====== RECORD EXCERPTS

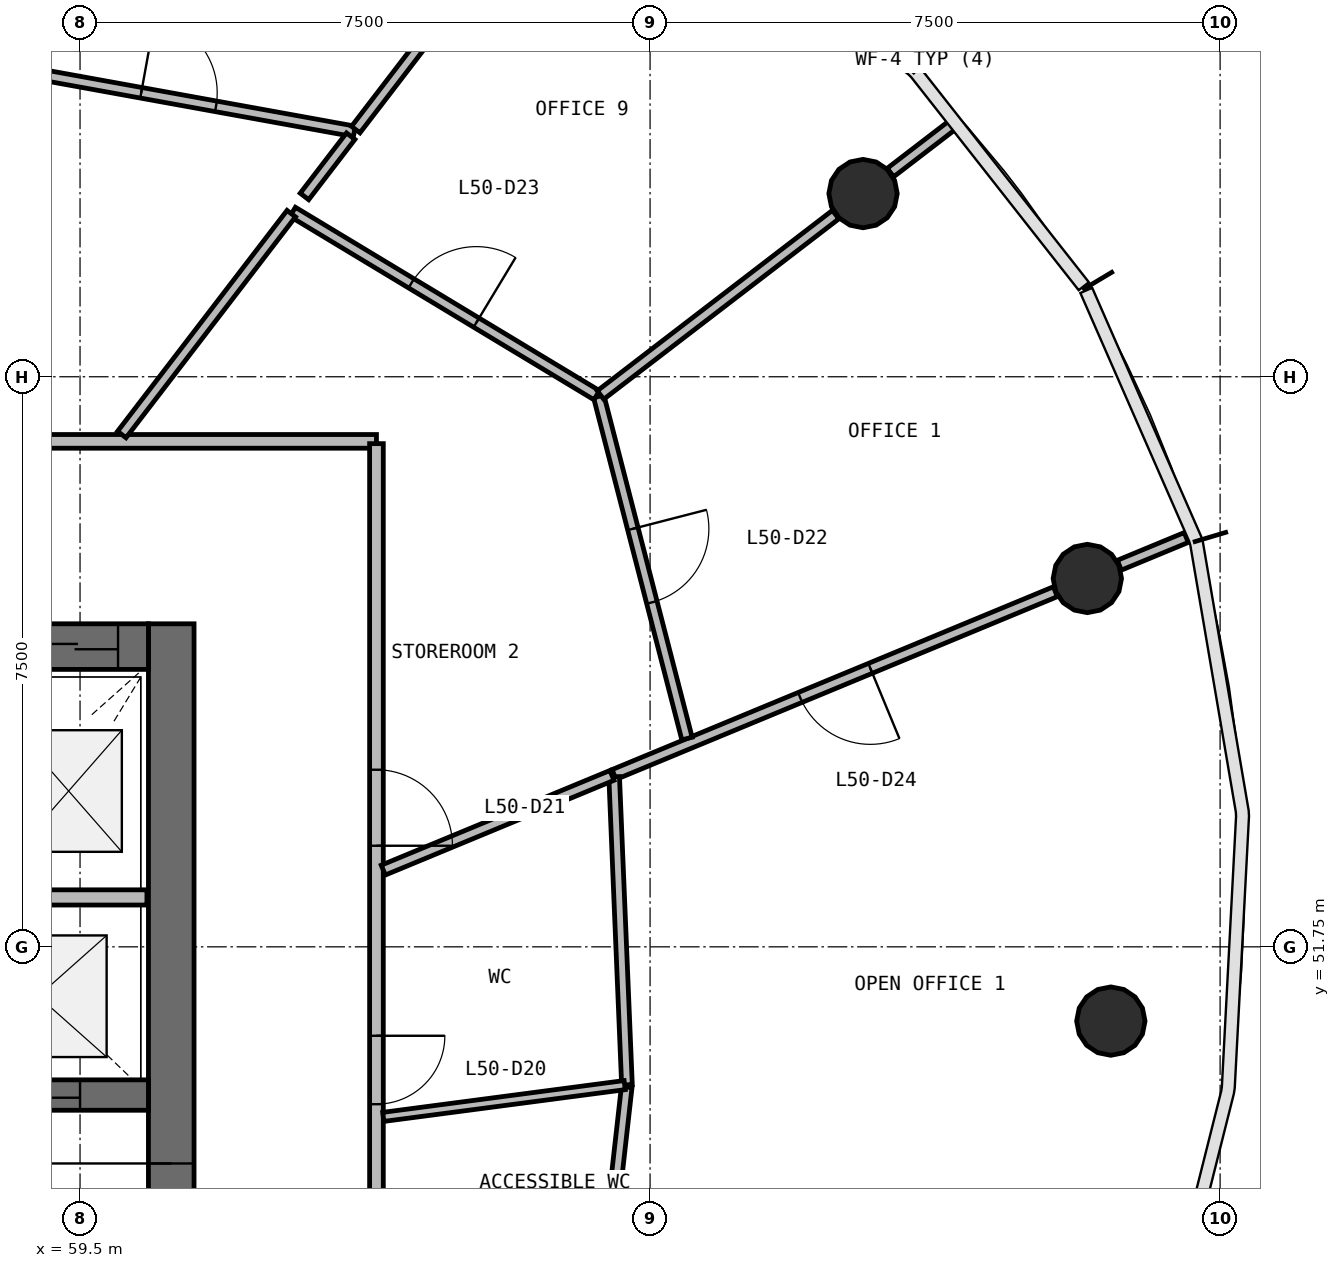
"""IFC4 building model, lengths in metres.
Left out: names, types, materials, properties, quantities, classifications, styles, units other than length and angle.
Written with IfcOpenShell. Run it as: python <this file> out.ifc"""

import sys

from ifc_helpers import new_model, si_unit, direction, frame, frame_2d, origin, origin_2d, place, context, subcontext, project, spatial, rectangle, circle, extrude, source, transform, mapped, element, fill, save


model = new_model("IFC4")
c1 = context("Model", 3, precision=1e-05, world=origin(), true_north=direction((0.0, 1.0)))
c2 = subcontext(c1, "Body", "Model", "MODEL_VIEW")
j1 = project(units=[si_unit("LENGTHUNIT", "METRE"), si_unit("PLANEANGLEUNIT", "RADIAN")], contexts=[c1])
p1 = place(None, origin())
s1 = spatial("IfcSite", under=j1, at=p1, CompositionType="ELEMENT")
p2 = place(p1, origin())
s2 = spatial("IfcBuilding", under=s1, at=p2, CompositionType="ELEMENT")
p3 = place(p2, frame((0.0, 0.0, 207.2)))
s3 = spatial("IfcBuildingStorey", under=s2, at=p3, CompositionType="ELEMENT", Elevation=207.2)
p4 = place(p3, frame((60.7, 40.0, 0.0), z_axis=(0.0, 0.0, 1.0), x_axis=(0.0, 1.0, 0.0)))
e1 = element("IfcWall", 1, at=p4, inside=s3, PredefinedType="SHEAR", context=c2, shape_type="SweptSolid", body=[
    extrude(rectangle(XDim=16.0, YDim=0.6, at=frame_2d((8.0, 0.0))), origin(), (0.0, 0.0, 1.0), 3.9),
])
p5 = place(p4, frame((7.1, 0.0, 0.0)))
e2 = element("IfcOpeningElement", 2, at=p5, cuts=e1, PredefinedType="OPENING", context=c2, shape_type="SweptSolid", body=[
    extrude(rectangle(XDim=1.8, YDim=2.1, at=frame_2d((0.9, 1.05))), frame((0.0, 0.31, 0.0), z_axis=(0.0, -1.0, 0.0), x_axis=(1.0, 0.0, 0.0)), (0.0, 0.0, 1.0), 0.62),
])
p6 = place(p3, frame((60.4, 55.7, 0.0), z_axis=(0.0, 0.0, 1.0), x_axis=(-1.0, 0.0, 0.0)))
e3 = element("IfcWall", 3, at=p6, inside=s3, PredefinedType="SHEAR", context=c2, shape_type="SweptSolid", body=[
    extrude(rectangle(XDim=16.8, YDim=0.6, at=frame_2d((8.4, 0.0))), origin(), (0.0, 0.0, 1.0), 3.9),
])
p7 = place(p6, frame((0.4, 0.0, 0.0)))
e4 = element("IfcOpeningElement", 4, at=p7, cuts=e3, PredefinedType="OPENING", context=c2, shape_type="SweptSolid", body=[
    extrude(rectangle(XDim=1.1, YDim=2.1, at=frame_2d((0.55, 1.05))), frame((0.0, 0.31, 0.0), z_axis=(0.0, -1.0, 0.0), x_axis=(1.0, 0.0, 0.0)), (0.0, 0.0, 1.0), 0.62),
])
p8 = place(p6, frame((10.3, 0.0, 0.0)))
e5 = element("IfcOpeningElement", 5, at=p8, cuts=e3, PredefinedType="OPENING", context=c2, shape_type="SweptSolid", body=[
    extrude(rectangle(XDim=1.2, YDim=2.1, at=frame_2d((0.6, 1.05))), frame((0.0, 0.31, 0.0), z_axis=(0.0, -1.0, 0.0), x_axis=(1.0, 0.0, 0.0)), (0.0, 0.0, 1.0), 0.62),
])
p9 = place(p6, frame((7.25, 0.0, 0.0)))
e6 = element("IfcOpeningElement", 6, at=p9, cuts=e3, PredefinedType="OPENING", context=c2, shape_type="SweptSolid", body=[
    extrude(rectangle(XDim=1.1, YDim=2.1, at=frame_2d((0.55, 1.05))), frame((0.0, 0.31, 0.0), z_axis=(0.0, -1.0, 0.0), x_axis=(1.0, 0.0, 0.0)), (0.0, 0.0, 1.0), 0.62),
])
p10 = place(p3, frame((43.6, 49.8, 0.0), z_axis=(0.0, 0.0, 1.0), x_axis=(1.0, 0.0, 0.0)))
e7 = element("IfcWall", 7, at=p10, inside=s3, PredefinedType="SHEAR", context=c2, shape_type="SweptSolid", body=[
    extrude(rectangle(XDim=16.8, YDim=0.4, at=frame_2d((8.4, 0.0))), origin(), (0.0, 0.0, 1.0), 3.9),
])
p11 = place(p10, frame((9.8, 0.0, 0.0)))
e8 = element("IfcOpeningElement", 8, at=p11, cuts=e7, PredefinedType="OPENING", context=c2, shape_type="SweptSolid", body=[
    extrude(rectangle(XDim=1.1, YDim=2.1, at=frame_2d((0.55, 1.05))), frame((0.0, 0.21, 0.0), z_axis=(0.0, -1.0, 0.0), x_axis=(1.0, 0.0, 0.0)), (0.0, 0.0, 1.0), 0.42),
])
p12 = place(p10, frame((12.3, 0.0, 0.0)))
e9 = element("IfcOpeningElement", 9, at=p12, cuts=e7, PredefinedType="OPENING", context=c2, shape_type="SweptSolid", body=[
    extrude(rectangle(XDim=1.1, YDim=2.1, at=frame_2d((0.55, 1.05))), frame((0.0, 0.21, 0.0), z_axis=(0.0, -1.0, 0.0), x_axis=(1.0, 0.0, 0.0)), (0.0, 0.0, 1.0), 0.42),
])
p13 = place(p10, frame((14.8, 0.0, 0.0)))
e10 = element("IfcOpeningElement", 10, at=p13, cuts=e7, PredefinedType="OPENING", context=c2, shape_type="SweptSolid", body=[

============

- **WHAT THE TASK REQUIRES**
Check each line of the entries for "spatial" and copy those that have it.

- **SOLUTION TO THIS TASK**
from ifc_helpers import new_model, si_unit, direction, frame, frame_2d, origin, origin_2d, place, context, subcontext, project, spatial, rectangle, circle, extrude, source, transform, mapped, element, fill, save
s1 = spatial("IfcSite", under=j1, at=p1, CompositionType="ELEMENT")
s2 = spatial("IfcBuilding", under=s1, at=p2, CompositionType="ELEMENT")
s3 = spatial("IfcBuildingStorey", under=s2, at=p3, CompositionType="ELEMENT", Elevation=207.2)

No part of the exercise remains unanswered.